__TASK__
Show all lines from the records below in which the string "under" is present.

__Stored items from a collection__
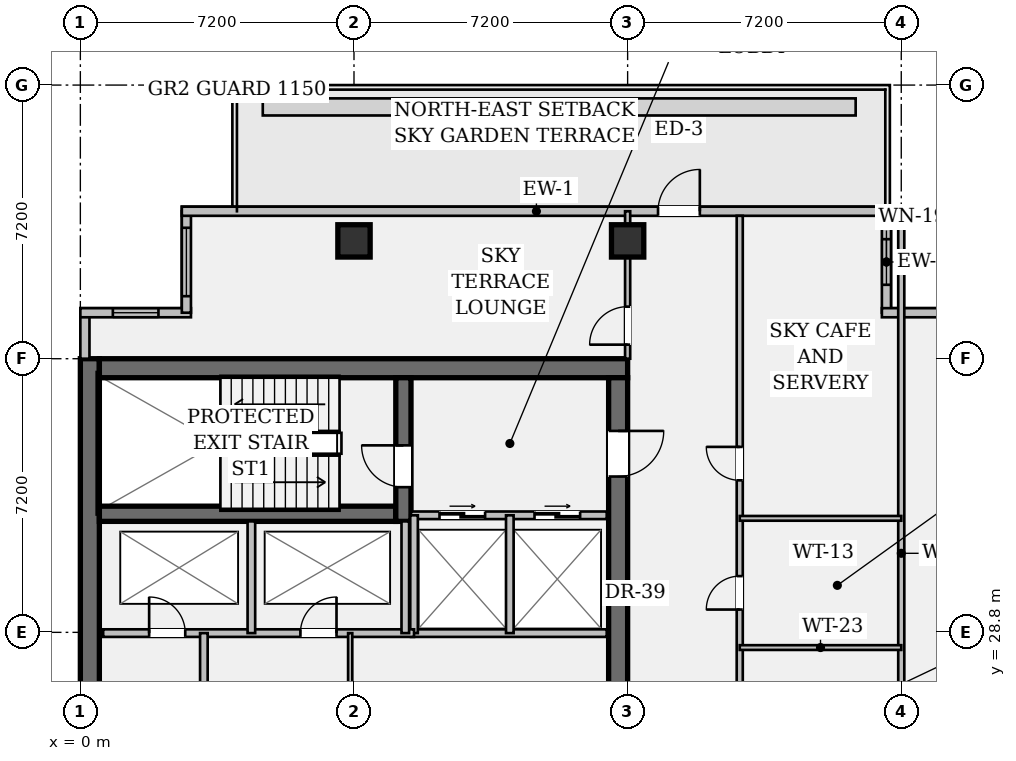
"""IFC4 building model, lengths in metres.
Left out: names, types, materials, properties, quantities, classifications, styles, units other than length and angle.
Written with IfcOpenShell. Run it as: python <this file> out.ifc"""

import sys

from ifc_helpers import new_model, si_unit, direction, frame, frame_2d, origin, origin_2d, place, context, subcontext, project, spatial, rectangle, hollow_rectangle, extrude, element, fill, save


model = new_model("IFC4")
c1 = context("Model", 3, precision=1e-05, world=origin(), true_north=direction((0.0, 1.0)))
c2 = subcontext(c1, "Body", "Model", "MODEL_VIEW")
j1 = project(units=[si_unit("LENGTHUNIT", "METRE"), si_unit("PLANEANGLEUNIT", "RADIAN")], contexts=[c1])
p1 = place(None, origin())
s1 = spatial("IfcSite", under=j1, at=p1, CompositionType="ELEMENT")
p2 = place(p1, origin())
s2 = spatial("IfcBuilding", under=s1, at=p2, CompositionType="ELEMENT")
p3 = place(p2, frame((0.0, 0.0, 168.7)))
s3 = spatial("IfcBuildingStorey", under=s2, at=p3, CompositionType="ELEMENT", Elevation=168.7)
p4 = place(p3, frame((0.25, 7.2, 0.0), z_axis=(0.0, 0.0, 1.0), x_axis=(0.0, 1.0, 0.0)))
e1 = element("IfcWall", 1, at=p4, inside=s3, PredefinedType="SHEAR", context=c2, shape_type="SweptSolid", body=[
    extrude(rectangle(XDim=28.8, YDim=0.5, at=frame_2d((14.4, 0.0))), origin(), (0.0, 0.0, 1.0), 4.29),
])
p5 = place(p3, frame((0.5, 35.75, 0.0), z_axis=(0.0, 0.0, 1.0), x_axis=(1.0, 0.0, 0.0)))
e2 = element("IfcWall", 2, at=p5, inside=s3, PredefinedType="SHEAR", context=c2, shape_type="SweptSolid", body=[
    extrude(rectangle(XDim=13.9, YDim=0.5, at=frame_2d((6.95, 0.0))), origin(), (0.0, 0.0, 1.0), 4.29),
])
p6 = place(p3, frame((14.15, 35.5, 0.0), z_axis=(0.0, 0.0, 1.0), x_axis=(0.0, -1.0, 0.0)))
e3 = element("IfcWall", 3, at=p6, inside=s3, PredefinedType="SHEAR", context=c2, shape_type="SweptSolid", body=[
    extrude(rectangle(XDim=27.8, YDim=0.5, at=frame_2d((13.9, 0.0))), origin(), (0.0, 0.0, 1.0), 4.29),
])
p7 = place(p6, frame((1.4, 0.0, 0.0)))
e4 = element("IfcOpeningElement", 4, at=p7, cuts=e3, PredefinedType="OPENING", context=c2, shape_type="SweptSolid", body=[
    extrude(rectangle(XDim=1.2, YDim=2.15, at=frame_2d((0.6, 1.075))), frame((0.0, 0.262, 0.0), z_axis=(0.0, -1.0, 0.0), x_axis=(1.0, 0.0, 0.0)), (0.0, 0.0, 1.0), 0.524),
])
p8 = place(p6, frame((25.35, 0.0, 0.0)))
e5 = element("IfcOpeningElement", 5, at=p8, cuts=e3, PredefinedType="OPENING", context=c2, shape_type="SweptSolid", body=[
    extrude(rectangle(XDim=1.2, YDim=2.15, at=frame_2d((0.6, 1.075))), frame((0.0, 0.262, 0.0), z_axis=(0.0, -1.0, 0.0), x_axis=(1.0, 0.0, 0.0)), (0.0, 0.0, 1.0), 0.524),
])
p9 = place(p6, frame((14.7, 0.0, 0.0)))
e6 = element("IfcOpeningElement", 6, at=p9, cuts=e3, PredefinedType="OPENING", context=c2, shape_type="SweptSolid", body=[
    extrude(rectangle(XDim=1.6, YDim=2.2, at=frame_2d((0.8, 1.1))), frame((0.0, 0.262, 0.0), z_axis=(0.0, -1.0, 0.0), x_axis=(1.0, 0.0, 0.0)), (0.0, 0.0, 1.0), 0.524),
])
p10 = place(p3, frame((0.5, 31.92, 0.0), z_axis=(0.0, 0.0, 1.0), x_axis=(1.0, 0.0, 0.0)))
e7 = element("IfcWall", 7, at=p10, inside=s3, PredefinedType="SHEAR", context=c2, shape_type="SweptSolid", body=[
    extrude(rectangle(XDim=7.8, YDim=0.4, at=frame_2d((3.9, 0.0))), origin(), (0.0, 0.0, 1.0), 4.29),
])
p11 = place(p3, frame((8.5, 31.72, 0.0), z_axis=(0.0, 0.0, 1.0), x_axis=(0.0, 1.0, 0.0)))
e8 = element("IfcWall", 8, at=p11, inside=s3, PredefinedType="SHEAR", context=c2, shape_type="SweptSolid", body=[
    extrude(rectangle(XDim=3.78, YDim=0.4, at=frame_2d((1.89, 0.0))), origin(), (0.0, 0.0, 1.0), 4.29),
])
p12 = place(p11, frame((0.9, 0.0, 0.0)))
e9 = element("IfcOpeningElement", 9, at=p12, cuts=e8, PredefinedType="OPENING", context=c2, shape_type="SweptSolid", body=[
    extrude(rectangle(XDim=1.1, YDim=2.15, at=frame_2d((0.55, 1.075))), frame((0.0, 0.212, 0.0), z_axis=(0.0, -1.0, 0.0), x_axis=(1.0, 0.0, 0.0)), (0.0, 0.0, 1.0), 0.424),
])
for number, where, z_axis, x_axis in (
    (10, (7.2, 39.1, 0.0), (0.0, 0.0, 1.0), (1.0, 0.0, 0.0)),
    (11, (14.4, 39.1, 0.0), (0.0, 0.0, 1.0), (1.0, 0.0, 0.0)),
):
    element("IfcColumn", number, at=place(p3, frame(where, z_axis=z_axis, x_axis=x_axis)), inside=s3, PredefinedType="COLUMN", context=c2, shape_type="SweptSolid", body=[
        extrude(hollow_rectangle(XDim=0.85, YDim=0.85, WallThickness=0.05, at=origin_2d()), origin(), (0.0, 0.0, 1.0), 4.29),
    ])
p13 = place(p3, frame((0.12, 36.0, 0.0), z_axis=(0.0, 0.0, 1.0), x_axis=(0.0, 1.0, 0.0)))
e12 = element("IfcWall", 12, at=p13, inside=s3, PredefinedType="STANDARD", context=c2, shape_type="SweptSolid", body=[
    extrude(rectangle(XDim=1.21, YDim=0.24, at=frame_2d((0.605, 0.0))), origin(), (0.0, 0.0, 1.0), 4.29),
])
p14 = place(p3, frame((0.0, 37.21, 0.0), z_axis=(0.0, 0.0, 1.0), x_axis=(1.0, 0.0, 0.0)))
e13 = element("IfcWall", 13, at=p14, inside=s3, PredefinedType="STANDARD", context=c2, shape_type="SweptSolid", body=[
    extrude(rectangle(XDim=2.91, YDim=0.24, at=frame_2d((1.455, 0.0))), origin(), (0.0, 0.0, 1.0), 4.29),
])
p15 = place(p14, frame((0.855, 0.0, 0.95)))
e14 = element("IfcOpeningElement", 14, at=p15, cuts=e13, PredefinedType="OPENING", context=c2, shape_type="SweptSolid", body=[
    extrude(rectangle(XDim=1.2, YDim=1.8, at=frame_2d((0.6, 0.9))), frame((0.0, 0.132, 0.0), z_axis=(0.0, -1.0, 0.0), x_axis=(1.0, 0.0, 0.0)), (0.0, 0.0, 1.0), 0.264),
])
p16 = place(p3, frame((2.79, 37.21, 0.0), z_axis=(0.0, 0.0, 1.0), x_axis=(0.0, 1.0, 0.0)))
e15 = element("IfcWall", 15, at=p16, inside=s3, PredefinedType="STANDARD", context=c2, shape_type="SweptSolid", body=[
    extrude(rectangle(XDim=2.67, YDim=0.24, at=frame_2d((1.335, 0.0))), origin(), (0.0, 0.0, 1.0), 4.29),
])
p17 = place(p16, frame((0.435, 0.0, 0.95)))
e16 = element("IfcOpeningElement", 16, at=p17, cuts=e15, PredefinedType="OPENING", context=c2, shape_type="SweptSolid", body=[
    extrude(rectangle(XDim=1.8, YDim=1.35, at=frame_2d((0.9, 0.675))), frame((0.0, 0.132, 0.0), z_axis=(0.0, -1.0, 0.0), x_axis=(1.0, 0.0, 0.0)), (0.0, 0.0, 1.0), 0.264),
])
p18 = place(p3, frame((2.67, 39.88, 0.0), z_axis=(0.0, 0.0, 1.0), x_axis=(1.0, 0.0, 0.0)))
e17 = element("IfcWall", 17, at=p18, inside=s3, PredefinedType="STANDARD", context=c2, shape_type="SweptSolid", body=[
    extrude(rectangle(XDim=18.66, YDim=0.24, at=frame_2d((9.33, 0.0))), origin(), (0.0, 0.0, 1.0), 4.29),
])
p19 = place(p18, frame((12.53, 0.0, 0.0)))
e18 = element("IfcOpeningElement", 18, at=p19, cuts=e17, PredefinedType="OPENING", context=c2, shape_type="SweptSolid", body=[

__RESPONSE TO THIS EXERCISE__
s1 = spatial("IfcSite", under=j1, at=p1, CompositionType="ELEMENT")
s2 = spatial("IfcBuilding", under=s1, at=p2, CompositionType="ELEMENT")
s3 = spatial("IfcBuildingStorey", under=s2, at=p3, CompositionType="ELEMENT", Elevation=168.7)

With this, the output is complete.